**Exercise:** Lines with the word "Circle" are the answer; copy each of them from the data below.

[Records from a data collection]
++++++

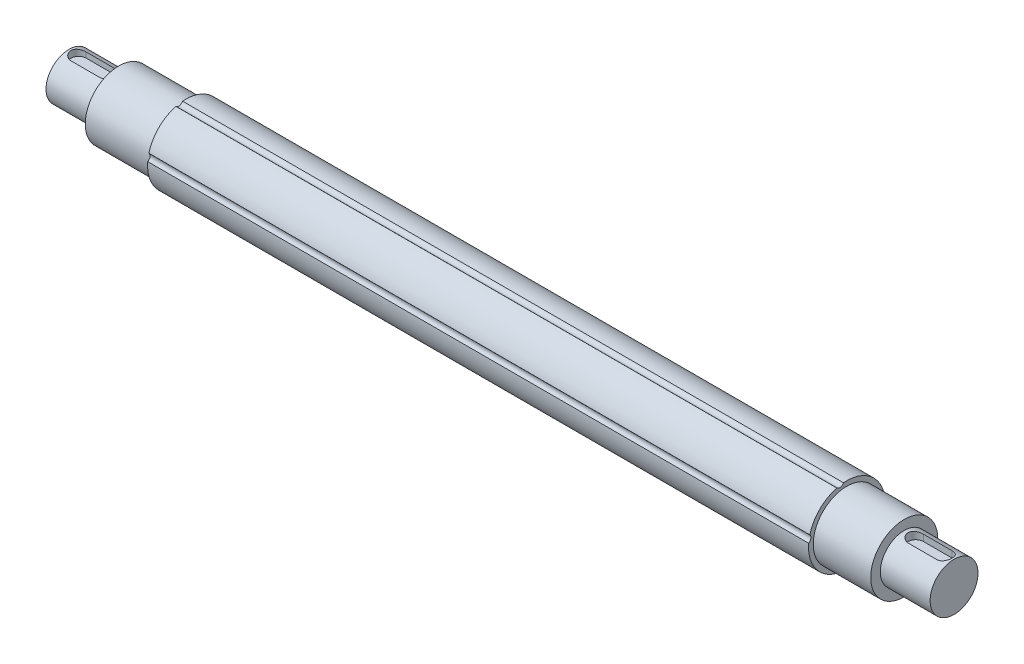
from build123d import *

# Parameters (mm, degrees)
CUT_EXTRUDE_1_DEPTH      = 205.5
CUT_EXTRUDE_1_DEPTH_BACK = 205.5
SKETCH_2_R               = 40
SKETCH_3_OUTSIDE_W       = 124.974
SKETCH_3_OUTSIDE_H       = 124.974
SKETCH_3_OUTSIDE_R       = 17.5
CUT_EXTRUDE_2_DEPTH      = 18
SKETCH_4_OUTSIDE_W       = 124.974
SKETCH_4_OUTSIDE_H       = 124.974
SKETCH_4_OUTSIDE_R       = 12.5
CUT_EXTRUDE_3_DEPTH      = 26
SKETCH_5_OUTSIDE_W       = 124.974
SKETCH_5_OUTSIDE_H       = 124.974
SKETCH_5_OUTSIDE_R       = 17.5
CUT_EXTRUDE_4_DEPTH      = 30
CUT_EXTRUDE_5_DEPTH      = 4
SKETCH_7_R               = 17.5
EXTRUDE_1_DEPTH          = 51
SKETCH_9_OUTSIDE_W       = 135.09
SKETCH_9_OUTSIDE_H       = 135.09
SKETCH_9_OUTSIDE_R       = 12
CUT_EXTRUDE_7_DEPTH      = 26
MOVE_FACE_1_BY           = 8


with BuildPart() as part:
    # 草图1 → 旋转1 (revolve)
    with BuildSketch(Plane.XY, mode=Mode.PRIVATE) as revolve_1_sk:
        Polygon((-205.5, 0), (-205.5, 19), (-204.5, 20), (204.5, 20), (205.5, 19), (205.5, 0), align=None)
    revolve(revolve_1_sk.sketch.rotate(Axis((205.5, 0, 0), (-1, 0, 0)), 270), axis=Axis((205.5, 0, 0), (-1, 0, 0)))

    # 草图2 → 切除-拉伸1 (cut, two sides: drawn at the far end of the back side and taken through both)
    with BuildSketch(Plane(origin=(0, 0, 0), x_dir=(0, 0, -1), z_dir=(1, 0, 0)).offset(-CUT_EXTRUDE_1_DEPTH_BACK)):
        Circle(SKETCH_2_R)
        with BuildLine():
            ThreePointArc((-19.926297295, 1.715423015), (-14.142135624, -14.142135624), (1.715423015, -19.926297295))
            ThreePointArc((1.715423015, -19.926297295), (3.302788339, -18.731043462), (5.203224708, -19.311303753))
            ThreePointArc((5.203224708, -19.311303753), (14.142135624, -14.142135624), (19.311303753, -5.203224708))
            ThreePointArc((19.311303753, -5.203224708), (18.731043462, -3.302788339), (19.926297295, -1.715423015))
            ThreePointArc((19.926297295, -1.715423015), (14.142135624, 14.142135624), (-1.715423015, 19.926297295))
            ThreePointArc((-1.715423015, 19.926297295), (-3.302788339, 18.731043462), (-5.203224708, 19.311303753))
            ThreePointArc((-5.203224708, 19.311303753), (-14.142135624, 14.142135624), (-19.311303753, 5.203224708))
            ThreePointArc((-19.311303753, 5.203224708), (-18.731043462, 3.302788339), (-19.926297295, 1.715423015))
        make_face(mode=Mode.SUBTRACT)
    extrude(amount=CUT_EXTRUDE_1_DEPTH + CUT_EXTRUDE_1_DEPTH_BACK, mode=Mode.SUBTRACT)

    # 草图3 outside → 切除-拉伸2 (cut)
    with BuildSketch(Plane.ZY.offset(205.5)):
        Rectangle(SKETCH_3_OUTSIDE_W, SKETCH_3_OUTSIDE_H)
        Circle(SKETCH_3_OUTSIDE_R, mode=Mode.SUBTRACT)
    extrude(amount=-CUT_EXTRUDE_2_DEPTH, mode=Mode.SUBTRACT)

    # 草图4 outside → 切除-拉伸3 (cut)
    with BuildSketch(Plane(origin=(205.5, 0, 0), x_dir=(0, 0, -1), z_dir=(1, 0, 0))):
        Rectangle(SKETCH_4_OUTSIDE_W, SKETCH_4_OUTSIDE_H)
        Circle(SKETCH_4_OUTSIDE_R, mode=Mode.SUBTRACT)
    extrude(amount=-CUT_EXTRUDE_3_DEPTH, mode=Mode.SUBTRACT)

    # 草图5 outside → 切除-拉伸4 (cut)
    with BuildSketch(Plane(origin=(179.5, 0, 0), x_dir=(0, 0, -1), z_dir=(1, 0, 0))):
        Rectangle(SKETCH_5_OUTSIDE_W, SKETCH_5_OUTSIDE_H)
        with Locations(Location((0, 0, 0), (0, 0, 180))):
            Circle(SKETCH_5_OUTSIDE_R, mode=Mode.SUBTRACT)
    extrude(amount=-CUT_EXTRUDE_4_DEPTH, mode=Mode.SUBTRACT)

    # 草图6 → 切除-拉伸5 (cut)
    with BuildSketch(Plane(origin=(0, 12.5, 0), x_dir=(1, 0, 0), z_dir=(0, 1, 0))):
        with BuildLine():
            Line((200.5, -4), (185.5, -4))
            ThreePointArc((185.5, -4), (181.5, 0), (185.5, 4))
            Line((185.5, 4), (200.5, 4))
            ThreePointArc((200.5, 4), (204.5, 0), (200.5, -4))
        make_face()
    cut_extrude_5 = extrude(amount=-CUT_EXTRUDE_5_DEPTH, mode=Mode.SUBTRACT)

    # 草图7 → 凸台-拉伸1 (add)
    with BuildSketch(Plane.ZY.offset(205.5)):
        Circle(SKETCH_7_R)
    extrude(amount=EXTRUDE_1_DEPTH)

    # 草图9 outside → 切除-拉伸7 (cut)
    with BuildSketch(Plane.ZY.offset(256.5)):
        Rectangle(SKETCH_9_OUTSIDE_W, SKETCH_9_OUTSIDE_H)
        Circle(SKETCH_9_OUTSIDE_R, mode=Mode.SUBTRACT)
    extrude(amount=-CUT_EXTRUDE_7_DEPTH, mode=Mode.SUBTRACT)

    # 镜向1: 切除-拉伸5 across plane
    add(cut_extrude_5.mirror(Plane.ZY.offset(25.5)), mode=Mode.SUBTRACT)

    # Move Face 1: a face moved outward by 8.0
    extrude(part.faces().sort_by_distance((-187.5, -16, -10))[0], amount=MOVE_FACE_1_BY, dir=(-1, 0, 0))


solid = part.part

++++++

**Task solution:**
        Circle(SKETCH_2_R)
        Circle(SKETCH_3_OUTSIDE_R, mode=Mode.SUBTRACT)
        Circle(SKETCH_4_OUTSIDE_R, mode=Mode.SUBTRACT)
            Circle(SKETCH_5_OUTSIDE_R, mode=Mode.SUBTRACT)
        Circle(SKETCH_7_R)
        Circle(SKETCH_9_OUTSIDE_R, mode=Mode.SUBTRACT)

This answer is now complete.